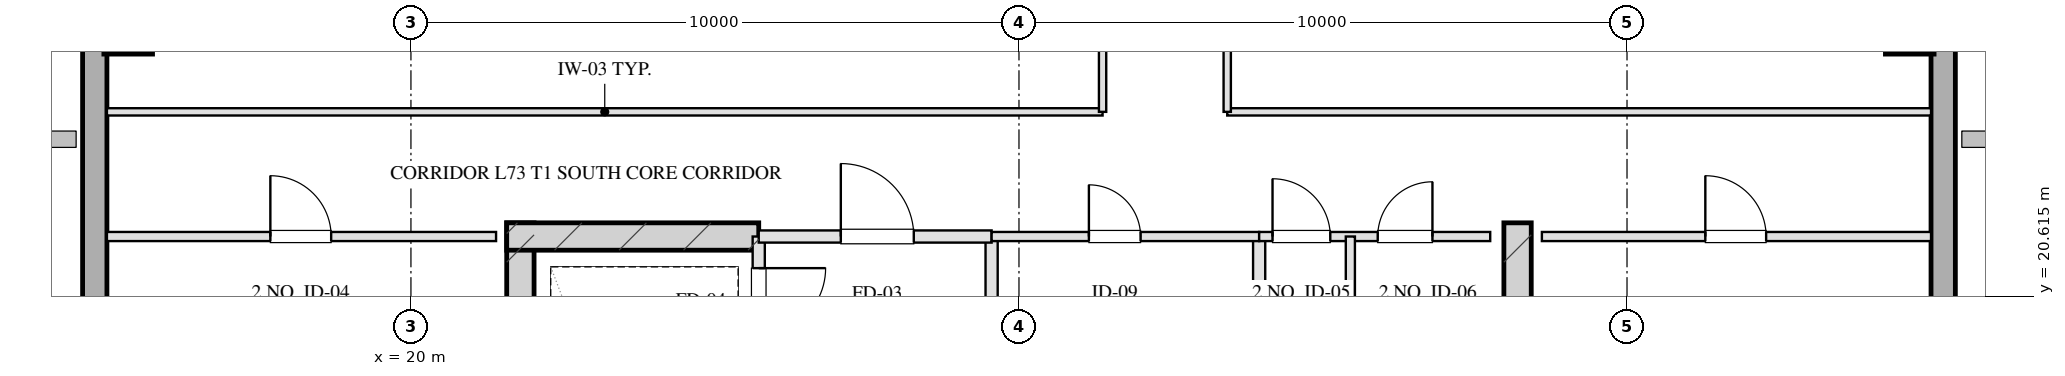
"""IFC4 building model, lengths in metres.
Left out: names, types, materials, properties, quantities, classifications, styles, units other than length and angle.
Written with IfcOpenShell. Run it as: python <this file> out.ifc"""

import sys

from ifc_helpers import new_model, si_unit, direction, frame, frame_2d, origin, origin_2d, place, context, subcontext, project, spatial, rectangle, hollow_rectangle, extrude, element, fill, save


model = new_model("IFC4")
c1 = context("Model", 3, precision=1e-05, world=origin(), true_north=direction((0.0, 1.0)))
c2 = subcontext(c1, "Body", "Model", "MODEL_VIEW")
j1 = project(units=[si_unit("LENGTHUNIT", "METRE"), si_unit("PLANEANGLEUNIT", "RADIAN")], contexts=[c1])
p1 = place(None, origin())
s1 = spatial("IfcSite", under=j1, at=p1, CompositionType="ELEMENT")
p2 = place(p1, origin())
s2 = spatial("IfcBuilding", under=s1, at=p2, CompositionType="ELEMENT")
p3 = place(p2, frame((0.0, 0.0, 266.4)))
s3 = spatial("IfcBuildingStorey", under=s2, at=p3, CompositionType="ELEMENT", Elevation=266.4)
for number, where, z_axis, x_axis in (
    (1, (21.8, 21.825, 0.0), (0.0, 0.0, 1.0), (0.0, -1.0, 0.0)),
    (2, (38.2, 21.825, 0.0), (0.0, 0.0, 1.0), (0.0, -1.0, 0.0)),
):
    element("IfcWall", number, at=place(p3, frame(where, z_axis=z_axis, x_axis=x_axis)), inside=s3, PredefinedType="SHEAR", context=c2, shape_type="SweptSolid", body=[
        extrude(rectangle(XDim=9.33, YDim=0.45, at=frame_2d((4.665, 0.0))), origin(), (0.0, 0.0, 1.0), 3.2),
    ])
p4 = place(p3, frame((21.575, 21.6, 0.0), z_axis=(0.0, 0.0, 1.0), x_axis=(1.0, 0.0, 0.0)))
e3 = element("IfcWall", 3, at=p4, inside=s3, PredefinedType="SHEAR", context=c2, shape_type="SweptSolid", body=[
    extrude(rectangle(XDim=4.145, YDim=0.45, at=frame_2d((2.073, 0.0))), origin(), (0.0, 0.0, 1.0), 3.2),
])
for number, where, z_axis, x_axis in (
    (4, (15.35, 25.0, 0.0), (0.0, 0.0, 1.0), (1.0, 0.0, 0.0)),
    (5, (44.65, 25.0, 0.0), (0.0, 0.0, 1.0), (1.0, 0.0, 0.0)),
):
    element("IfcColumn", number, at=place(p3, frame(where, z_axis=z_axis, x_axis=x_axis)), inside=s3, PredefinedType="COLUMN", context=c2, shape_type="SweptSolid", body=[
        extrude(hollow_rectangle(XDim=0.8, YDim=0.8, WallThickness=0.028, at=origin_2d()), origin(), (0.0, 0.0, 1.0), 3.201),
    ])
p5 = place(p3, frame((14.8, 13.1, 0.0), z_axis=(0.0, 0.0, 1.0), x_axis=(0.0, 1.0, 0.0)))
e6 = element("IfcWall", 6, at=p5, inside=s3, PredefinedType="SOLIDWALL", context=c2, shape_type="SweptSolid", body=[
    extrude(rectangle(XDim=41.8, YDim=0.4, at=frame_2d((20.9, 0.0))), origin(), (0.0, 0.0, 1.0), 2.36),
])
p6 = place(p5, frame((13.525, 0.0, 0.75)))
e7 = element("IfcOpeningElement", 7, at=p6, cuts=e6, PredefinedType="OPENING", context=c2, shape_type="SweptSolid", body=[
    extrude(rectangle(XDim=1.95, YDim=1.21, at=frame_2d((0.975, 0.605))), frame((0.0, 0.21, 0.0), z_axis=(0.0, -1.0, 0.0), x_axis=(1.0, 0.0, 0.0)), (0.0, 0.0, 1.0), 0.42),
])
p7 = place(p5, frame((17.325, 0.0, 0.75)))
e8 = element("IfcOpeningElement", 8, at=p7, cuts=e6, PredefinedType="OPENING", context=c2, shape_type="SweptSolid", body=[
    extrude(rectangle(XDim=1.95, YDim=1.21, at=frame_2d((0.975, 0.605))), frame((0.0, 0.21, 0.0), z_axis=(0.0, -1.0, 0.0), x_axis=(1.0, 0.0, 0.0)), (0.0, 0.0, 1.0), 0.42),
])
p8 = place(p5, frame((26.15, 0.0, 0.0)))
e9 = element("IfcOpeningElement", 9, at=p8, cuts=e6, PredefinedType="OPENING", context=c2, shape_type="SweptSolid", body=[
    extrude(rectangle(XDim=1.1, YDim=2.15, at=frame_2d((0.55, 1.075))), frame((0.0, 0.21, 0.0), z_axis=(0.0, -1.0, 0.0), x_axis=(1.0, 0.0, 0.0)), (0.0, 0.0, 1.0), 0.42),
])
p9 = place(p3, frame((45.2, 54.9, 0.0), z_axis=(0.0, 0.0, 1.0), x_axis=(0.0, -1.0, 0.0)))
e10 = element("IfcWall", 10, at=p9, inside=s3, PredefinedType="SOLIDWALL", context=c2, shape_type="SweptSolid", body=[
    extrude(rectangle(XDim=41.8, YDim=0.4, at=frame_2d((20.9, 0.0))), origin(), (0.0, 0.0, 1.0), 2.36),
])
p10 = place(p9, frame((26.325, 0.0, 0.75)))
e11 = element("IfcOpeningElement", 11, at=p10, cuts=e10, PredefinedType="OPENING", context=c2, shape_type="SweptSolid", body=[
    extrude(rectangle(XDim=1.95, YDim=1.21, at=frame_2d((0.975, 0.605))), frame((0.0, 0.21, 0.0), z_axis=(0.0, -1.0, 0.0), x_axis=(1.0, 0.0, 0.0)), (0.0, 0.0, 1.0), 0.42),
])
p11 = place(p9, frame((22.525, 0.0, 0.75)))
e12 = element("IfcOpeningElement", 12, at=p11, cuts=e10, PredefinedType="OPENING", context=c2, shape_type="SweptSolid", body=[
    extrude(rectangle(XDim=1.95, YDim=1.21, at=frame_2d((0.975, 0.605))), frame((0.0, 0.21, 0.0), z_axis=(0.0, -1.0, 0.0), x_axis=(1.0, 0.0, 0.0)), (0.0, 0.0, 1.0), 0.42),
])
p12 = place(p9, frame((14.55, 0.0, 0.0)))
e13 = element("IfcOpeningElement", 13, at=p12, cuts=e10, PredefinedType="OPENING", context=c2, shape_type="SweptSolid", body=[
    extrude(rectangle(XDim=1.1, YDim=2.15, at=frame_2d((0.55, 1.075))), frame((0.0, 0.21, 0.0), z_axis=(0.0, -1.0, 0.0), x_axis=(1.0, 0.0, 0.0)), (0.0, 0.0, 1.0), 0.42),
])
p13 = place(p3, frame((25.72, 21.6, 0.0), z_axis=(0.0, 0.0, 1.0), x_axis=(0.0, -1.0, 0.0)))
e14 = element("IfcWall", 14, at=p13, inside=s3, PredefinedType="PARTITIONING", context=c2, shape_type="SweptSolid", body=[
    extrude(rectangle(XDim=1.9, YDim=0.2, at=frame_2d((0.95, 0.0))), origin(), (0.0, 0.0, 1.0), 2.925),
])
p14 = place(p13, frame((0.52, 0.0, 0.0)))
e15 = element("IfcOpeningElement", 15, at=p14, cuts=e14, PredefinedType="OPENING", context=c2, shape_type="SweptSolid", body=[
    extrude(rectangle(XDim=1.1, YDim=2.05, at=frame_2d((0.55, 1.025))), frame((0.0, 0.11, 0.0), z_axis=(0.0, -1.0, 0.0), x_axis=(1.0, 0.0, 0.0)), (0.0, 0.0, 1.0), 0.22),
])
p15 = place(p3, frame((29.55, 21.6, 0.0), z_axis=(0.0, 0.0, 1.0), x_axis=(0.0, -1.0, 0.0)))
e16 = element("IfcWall", 16, at=p15, inside=s3, PredefinedType="PARTITIONING", context=c2, shape_type="SweptSolid", body=[
    extrude(rectangle(XDim=8.43, YDim=0.2, at=frame_2d((4.215, 0.0))), origin(), (0.0, 0.0, 1.0), 2.925),
])
p16 = place(p3, frame((25.72, 21.6, 0.0), z_axis=(0.0, 0.0, 1.0), x_axis=(1.0, 0.0, 0.0)))
e17 = element("IfcWall", 17, at=p16, inside=s3, PredefinedType="PARTITIONING", context=c2, shape_type="SweptSolid", body=[
    extrude(rectangle(XDim=3.83, YDim=0.2, at=frame_2d((1.915, 0.0))), origin(), (0.0, 0.0, 1.0), 2.925),
])
p17 = place(p16, frame((1.35, 0.0, 0.0)))
e18 = element("IfcOpeningElement", 18, at=p17, cuts=e17, PredefinedType="OPENING", context=c2, shape_type="SweptSolid", body=[
    extrude(rectangle(XDim=1.2, YDim=2.05, at=frame_2d((0.6, 1.025))), frame((0.0, 0.11, 0.0), z_axis=(0.0, -1.0, 0.0), x_axis=(1.0, 0.0, 0.0)), (0.0, 0.0, 1.0), 0.22),
])
p18 = place(p3, frame((33.95, 21.6, 0.0), z_axis=(0.0, 0.0, 1.0), x_axis=(0.0, -1.0, 0.0)))
e19 = element("IfcWall", 19, at=p18, inside=s3, PredefinedType="PARTITIONING", context=c2, shape_type="SweptSolid", body=[
    extrude(rectangle(XDim=8.43, YDim=0.2, at=frame_2d((4.215, 0.0))), origin(), (0.0, 0.0, 1.0), 2.925),
])
p19 = place(p3, frame((29.55, 21.6, 0.0), z_axis=(0.0, 0.0, 1.0), x_axis=(1.0, 0.0, 0.0)))
e20 = element("IfcWall", 20, at=p19, inside=s3, PredefinedType="PARTITIONING", context=c2, shape_type="SweptSolid", body=[
    extrude(rectangle(XDim=4.4, YDim=0.15, at=frame_2d((2.2, 0.0))), origin(), (0.0, 0.0, 1.0), 2.925),
])
p20 = place(p19, frame((1.6, 0.0, 0.0)))
e21 = element("IfcOpeningElement", 21, at=p20, cuts=e20, PredefinedType="OPENING", context=c2, shape_type="SweptSolid", body=[
    extrude(rectangle(XDim=0.85, YDim=2.05, at=frame_2d((0.425, 1.025))), frame((0.0, 0.085, 0.0), z_axis=(0.0, -1.0, 0.0), x_axis=(1.0, 0.0, 0.0)), (0.0, 0.0, 1.0), 0.17),
])
p21 = place(p3, frame((33.95, 21.6, 0.0), z_axis=(0.0, 0.0, 1.0), x_axis=(1.0, 0.0, 0.0)))
e22 = element("IfcWall", 22, at=p21, inside=s3, PredefinedType="PARTITIONING", context=c2, shape_type="SweptSolid", body=[
    extrude(rectangle(XDim=3.8, YDim=0.15, at=frame_2d((1.9, 0.0))), origin(), (0.0, 0.0, 1.0), 2.925),
])
p22 = place(p21, frame((0.22, 0.0, 0.0)))
e23 = element("IfcOpeningElement", 23, at=p22, cuts=e22, PredefinedType="OPENING", context=c2, shape_type="SweptSolid", body=[
    extrude(rectangle(XDim=0.95, YDim=2.05, at=frame_2d((0.475, 1.025))), frame((0.0, 0.085, 0.0), z_axis=(0.0, -1.0, 0.0), x_axis=(1.0, 0.0, 0.0)), (0.0, 0.0, 1.0), 0.17),
])
p23 = place(p21, frame((1.95, 0.0, 0.0)))
e24 = element("IfcOpeningElement", 24, at=p23, cuts=e22, PredefinedType="OPENING", context=c2, shape_type="SweptSolid", body=[
    extrude(rectangle(XDim=0.9, YDim=2.05, at=frame_2d((0.45, 1.025))), frame((0.0, 0.085, 0.0), z_axis=(0.0, -1.0, 0.0), x_axis=(1.0, 0.0, 0.0)), (0.0, 0.0, 1.0), 0.17),
])
p24 = place(p3, frame((35.45, 21.6, 0.0), z_axis=(0.0, 0.0, 1.0), x_axis=(0.0, -1.0, 0.0)))
e25 = element("IfcWall", 25, at=p24, inside=s3, PredefinedType="PARTITIONING", context=c2, shape_type="SweptSolid", body=[
    extrude(rectangle(XDim=8.43, YDim=0.15, at=frame_2d((4.215, 0.0))), origin(), (0.0, 0.0, 1.0), 2.565),
])
p25 = place(p24, frame((2.55, 0.0, 0.0)))
e26 = element("IfcOpeningElement", 26, at=p25, cuts=e25, PredefinedType="OPENING", context=c2, shape_type="SweptSolid", body=[
    extrude(rectangle(XDim=0.95, YDim=2.05, at=frame_2d((0.475, 1.025))), frame((0.0, 0.085, 0.0), z_axis=(0.0, -1.0, 0.0), x_axis=(1.0, 0.0, 0.0)), (0.0, 0.0, 1.0), 0.17),
])
p26 = place(p24, frame((5.6, 0.0, 0.0)))
e27 = element("IfcOpeningElement", 27, at=p26, cuts=e25, PredefinedType="OPENING", context=c2, shape_type="SweptSolid", body=[
    extrude(rectangle(XDim=0.9, YDim=2.05, at=frame_2d((0.45, 1.025))), frame((0.0, 0.085, 0.0), z_axis=(0.0, -1.0, 0.0), x_axis=(1.0, 0.0, 0.0)), (0.0, 0.0, 1.0), 0.17),
])
p27 = place(p3, frame((15.0, 21.6, 0.0), z_axis=(0.0, 0.0, 1.0), x_axis=(1.0, 0.0, 0.0)))
e28 = element("IfcWall", 28, at=p27, inside=s3, PredefinedType="PARTITIONING", context=c2, shape_type="SweptSolid", body=[
    extrude(rectangle(XDim=6.4, YDim=0.15, at=frame_2d((3.2, 0.0))), origin(), (0.0, 0.0, 1.0), 2.925),
])
p28 = place(p27, frame((2.688, 0.0, 0.0)))
e29 = element("IfcOpeningElement", 29, at=p28, cuts=e28, PredefinedType="OPENING", context=c2, shape_type="SweptSolid", body=[
    extrude(rectangle(XDim=1.0, YDim=2.05, at=frame_2d((0.5, 1.025))), frame((0.0, 0.085, 0.0), z_axis=(0.0, -1.0, 0.0), x_axis=(1.0, 0.0, 0.0)), (0.0, 0.0, 1.0), 0.17),
])
p29 = place(p3, frame((38.6, 21.6, 0.0), z_axis=(0.0, 0.0, 1.0), x_axis=(1.0, 0.0, 0.0)))
e30 = element("IfcWall", 30, at=p29, inside=s3, PredefinedType="PARTITIONING", context=c2, shape_type="SweptSolid", body=[
    extrude(rectangle(XDim=6.4, YDim=0.15, at=frame_2d((3.2, 0.0))), origin(), (0.0, 0.0, 1.0), 2.925),
])
p30 = place(p29, frame((2.688, 0.0, 0.0)))
e31 = element("IfcOpeningElement", 31, at=p30, cuts=e30, PredefinedType="OPENING", context=c2, shape_type="SweptSolid", body=[
    extrude(rectangle(XDim=1.0, YDim=2.05, at=frame_2d((0.5, 1.025))), frame((0.0, 0.085, 0.0), z_axis=(0.0, -1.0, 0.0), x_axis=(1.0, 0.0, 0.0)), (0.0, 0.0, 1.0), 0.17),
])
p31 = place(p3, frame((15.0, 23.65, 0.0), z_axis=(0.0, 0.0, 1.0), x_axis=(1.0, 0.0, 0.0)))
e32 = element("IfcWall", 32, at=p31, inside=s3, PredefinedType="PARTITIONING", context=c2, shape_type="SweptSolid", body=[
    extrude(rectangle(XDim=16.375, YDim=0.12, at=frame_2d((8.188, 0.0))), origin(), (0.0, 0.0, 1.0), 2.925),
])
p32 = place(p3, frame((33.425, 23.65, 0.0), z_axis=(0.0, 0.0, 1.0), x_axis=(1.0, 0.0, 0.0)))
e33 = element("IfcWall", 33, at=p32, inside=s3, PredefinedType="PARTITIONING", context=c2, shape_type="SweptSolid", body=[
    extrude(rectangle(XDim=11.575, YDim=0.12, at=frame_2d((5.788, 0.0))), origin(), (0.0, 0.0, 1.0), 2.925),
])
p33 = place(p3, frame((31.375, 23.65, 0.0), z_axis=(0.0, 0.0, 1.0), x_axis=(0.0, 1.0, 0.0)))
e34 = element("IfcWall", 34, at=p33, inside=s3, PredefinedType="PARTITIONING", context=c2, shape_type="SweptSolid", body=[
    extrude(rectangle(XDim=20.7, YDim=0.12, at=frame_2d((10.35, 0.0))), origin(), (0.0, 0.0, 1.0), 2.925),
])
p34 = place(p33, frame((2.675, 0.0, 0.0)))
e35 = element("IfcOpeningElement", 35, at=p34, cuts=e34, PredefinedType="OPENING", context=c2, shape_type="SweptSolid", body=[
    extrude(rectangle(XDim=1.0, YDim=2.05, at=frame_2d((0.5, 1.025))), frame((0.0, 0.07, 0.0), z_axis=(0.0, -1.0, 0.0), x_axis=(1.0, 0.0, 0.0)), (0.0, 0.0, 1.0), 0.14),
])
p35 = place(p33, frame((9.85, 0.0, 0.0)))
e36 = element("IfcOpeningElement", 36, at=p35, cuts=e34, PredefinedType="OPENING", context=c2, shape_type="SweptSolid", body=[
    extrude(rectangle(XDim=1.0, YDim=2.05, at=frame_2d((0.5, 1.025))), frame((0.0, 0.07, 0.0), z_axis=(0.0, -1.0, 0.0), x_axis=(1.0, 0.0, 0.0)), (0.0, 0.0, 1.0), 0.14),
])
p36 = place(p33, frame((17.025, 0.0, 0.0)))
e37 = element("IfcOpeningElement", 37, at=p36, cuts=e34, PredefinedType="OPENING", context=c2, shape_type="SweptSolid", body=[
    extrude(rectangle(XDim=1.0, YDim=2.05, at=frame_2d((0.5, 1.025))), frame((0.0, 0.07, 0.0), z_axis=(0.0, -1.0, 0.0), x_axis=(1.0, 0.0, 0.0)), (0.0, 0.0, 1.0), 0.14),
])
p37 = place(p3, frame((33.425, 23.65, 0.0), z_axis=(0.0, 0.0, 1.0), x_axis=(0.0, 1.0, 0.0)))
e38 = element("IfcWall", 38, at=p37, inside=s3, PredefinedType="PARTITIONING", context=c2, shape_type="SweptSolid", body=[
    extrude(rectangle(XDim=20.7, YDim=0.12, at=frame_2d((10.35, 0.0))), origin(), (0.0, 0.0, 1.0), 2.925),
])
p38 = place(p37, frame((2.175, 0.0, 0.0)))
e39 = element("IfcOpeningElement", 39, at=p38, cuts=e38, PredefinedType="OPENING", context=c2, shape_type="SweptSolid", body=[
    extrude(rectangle(XDim=1.0, YDim=2.05, at=frame_2d((0.5, 1.025))), frame((0.0, 0.07, 0.0), z_axis=(0.0, -1.0, 0.0), x_axis=(1.0, 0.0, 0.0)), (0.0, 0.0, 1.0), 0.14),
])
p39 = place(p37, frame((6.75, 0.0, 0.0)))
e40 = element("IfcOpeningElement", 40, at=p39, cuts=e38, PredefinedType="OPENING", context=c2, shape_type="SweptSolid", body=[
    extrude(rectangle(XDim=0.85, YDim=2.05, at=frame_2d((0.425, 1.025))), frame((0.0, 0.07, 0.0), z_axis=(0.0, -1.0, 0.0), x_axis=(1.0, 0.0, 0.0)), (0.0, 0.0, 1.0), 0.14),
])
p40 = place(p37, frame((11.25, 0.0, 0.0)))
e41 = element("IfcOpeningElement", 41, at=p40, cuts=e38, PredefinedType="OPENING", context=c2, shape_type="SweptSolid", body=[
    extrude(rectangle(XDim=1.05, YDim=2.05, at=frame_2d((0.525, 1.025))), frame((0.0, 0.07, 0.0), z_axis=(0.0, -1.0, 0.0), x_axis=(1.0, 0.0, 0.0)), (0.0, 0.0, 1.0), 0.14),
])
p41 = place(p37, frame((15.75, 0.0, 0.0)))
e42 = element("IfcOpeningElement", 42, at=p41, cuts=e38, PredefinedType="OPENING", context=c2, shape_type="SweptSolid", body=[
    extrude(rectangle(XDim=1.0, YDim=2.05, at=frame_2d((0.5, 1.025))), frame((0.0, 0.07, 0.0), z_axis=(0.0, -1.0, 0.0), x_axis=(1.0, 0.0, 0.0)), (0.0, 0.0, 1.0), 0.14),
])
p42 = place(p37, frame((18.925, 0.0, 0.0)))
e43 = element("IfcOpeningElement", 43, at=p42, cuts=e38, PredefinedType="OPENING", context=c2, shape_type="SweptSolid", body=[
    extrude(rectangle(XDim=1.0, YDim=2.05, at=frame_2d((0.5, 1.025))), frame((0.0, 0.07, 0.0), z_axis=(0.0, -1.0, 0.0), x_axis=(1.0, 0.0, 0.0)), (0.0, 0.0, 1.0), 0.14),
])
p43 = place(p14, origin())
e44 = element("IfcDoor", 44, at=p43, inside=s3, OperationType="SINGLE_SWING_LEFT", PredefinedType="DOOR", context=c2, shape_type="SweptSolid", body=[
    extrude(rectangle(XDim=1.1, YDim=2.05, at=frame_2d((0.55, 1.025))), frame((0.0, 0.025, 0.0), z_axis=(0.0, -1.0, 0.0), x_axis=(1.0, 0.0, 0.0)), (0.0, 0.0, 1.0), 0.05),
])
fill(e15, e44)
p44 = place(p17, origin())
e45 = element("IfcDoor", 45, at=p44, inside=s3, OperationType="SINGLE_SWING_LEFT", PredefinedType="DOOR", context=c2, shape_type="SweptSolid", body=[
    extrude(rectangle(XDim=1.2, YDim=2.05, at=frame_2d((0.6, 1.025))), frame((0.0, 0.025, 0.0), z_axis=(0.0, -1.0, 0.0), x_axis=(1.0, 0.0, 0.0)), (0.0, 0.0, 1.0), 0.05),
])
fill(e18, e45)
p45 = place(p20, origin())
e46 = element("IfcDoor", 46, at=p45, inside=s3, OperationType="SINGLE_SWING_LEFT", PredefinedType="DOOR", context=c2, shape_type="SweptSolid", body=[
    extrude(rectangle(XDim=0.85, YDim=2.05, at=frame_2d((0.425, 1.025))), frame((0.0, 0.025, 0.0), z_axis=(0.0, -1.0, 0.0), x_axis=(1.0, 0.0, 0.0)), (0.0, 0.0, 1.0), 0.05),
])
fill(e21, e46)
p46 = place(p22, origin())
e47 = element("IfcDoor", 47, at=p46, inside=s3, OperationType="SINGLE_SWING_LEFT", PredefinedType="DOOR", context=c2, shape_type="SweptSolid", body=[
    extrude(rectangle(XDim=0.95, YDim=2.05, at=frame_2d((0.475, 1.025))), frame((0.0, 0.025, 0.0), z_axis=(0.0, -1.0, 0.0), x_axis=(1.0, 0.0, 0.0)), (0.0, 0.0, 1.0), 0.05),
])
fill(e23, e47)
p47 = place(p23, origin())
e48 = element("IfcDoor", 48, at=p47, inside=s3, OperationType="SINGLE_SWING_RIGHT", PredefinedType="DOOR", context=c2, shape_type="SweptSolid", body=[
    extrude(rectangle(XDim=0.9, YDim=2.05, at=frame_2d((0.45, 1.025))), frame((0.0, 0.025, 0.0), z_axis=(0.0, -1.0, 0.0), x_axis=(1.0, 0.0, 0.0)), (0.0, 0.0, 1.0), 0.05),
])
fill(e24, e48)
p48 = place(p28, origin())
e49 = element("IfcDoor", 49, at=p48, inside=s3, OperationType="SINGLE_SWING_LEFT", PredefinedType="DOOR", context=c2, shape_type="SweptSolid", body=[
    extrude(rectangle(XDim=1.0, YDim=2.05, at=frame_2d((0.5, 1.025))), frame((0.0, 0.025, 0.0), z_axis=(0.0, -1.0, 0.0), x_axis=(1.0, 0.0, 0.0)), (0.0, 0.0, 1.0), 0.05),
])
fill(e29, e49)
p49 = place(p30, origin())
e50 = element("IfcDoor", 50, at=p49, inside=s3, OperationType="SINGLE_SWING_LEFT", PredefinedType="DOOR", context=c2, shape_type="SweptSolid", body=[
    extrude(rectangle(XDim=1.0, YDim=2.05, at=frame_2d((0.5, 1.025))), frame((0.0, 0.025, 0.0), z_axis=(0.0, -1.0, 0.0), x_axis=(1.0, 0.0, 0.0)), (0.0, 0.0, 1.0), 0.05),
])
fill(e31, e50)
save(model, sys.argv[1])

----------------

◆ PROBLEM DETAILS
Look through the data above for the word "project". Report each line where it occurs.

◆ SOLUTION
from ifc_helpers import new_model, si_unit, direction, frame, frame_2d, origin, origin_2d, place, context, subcontext, project, spatial, rectangle, hollow_rectangle, extrude, element, fill, save
j1 = project(units=[si_unit("LENGTHUNIT", "METRE"), si_unit("PLANEANGLEUNIT", "RADIAN")], contexts=[c1])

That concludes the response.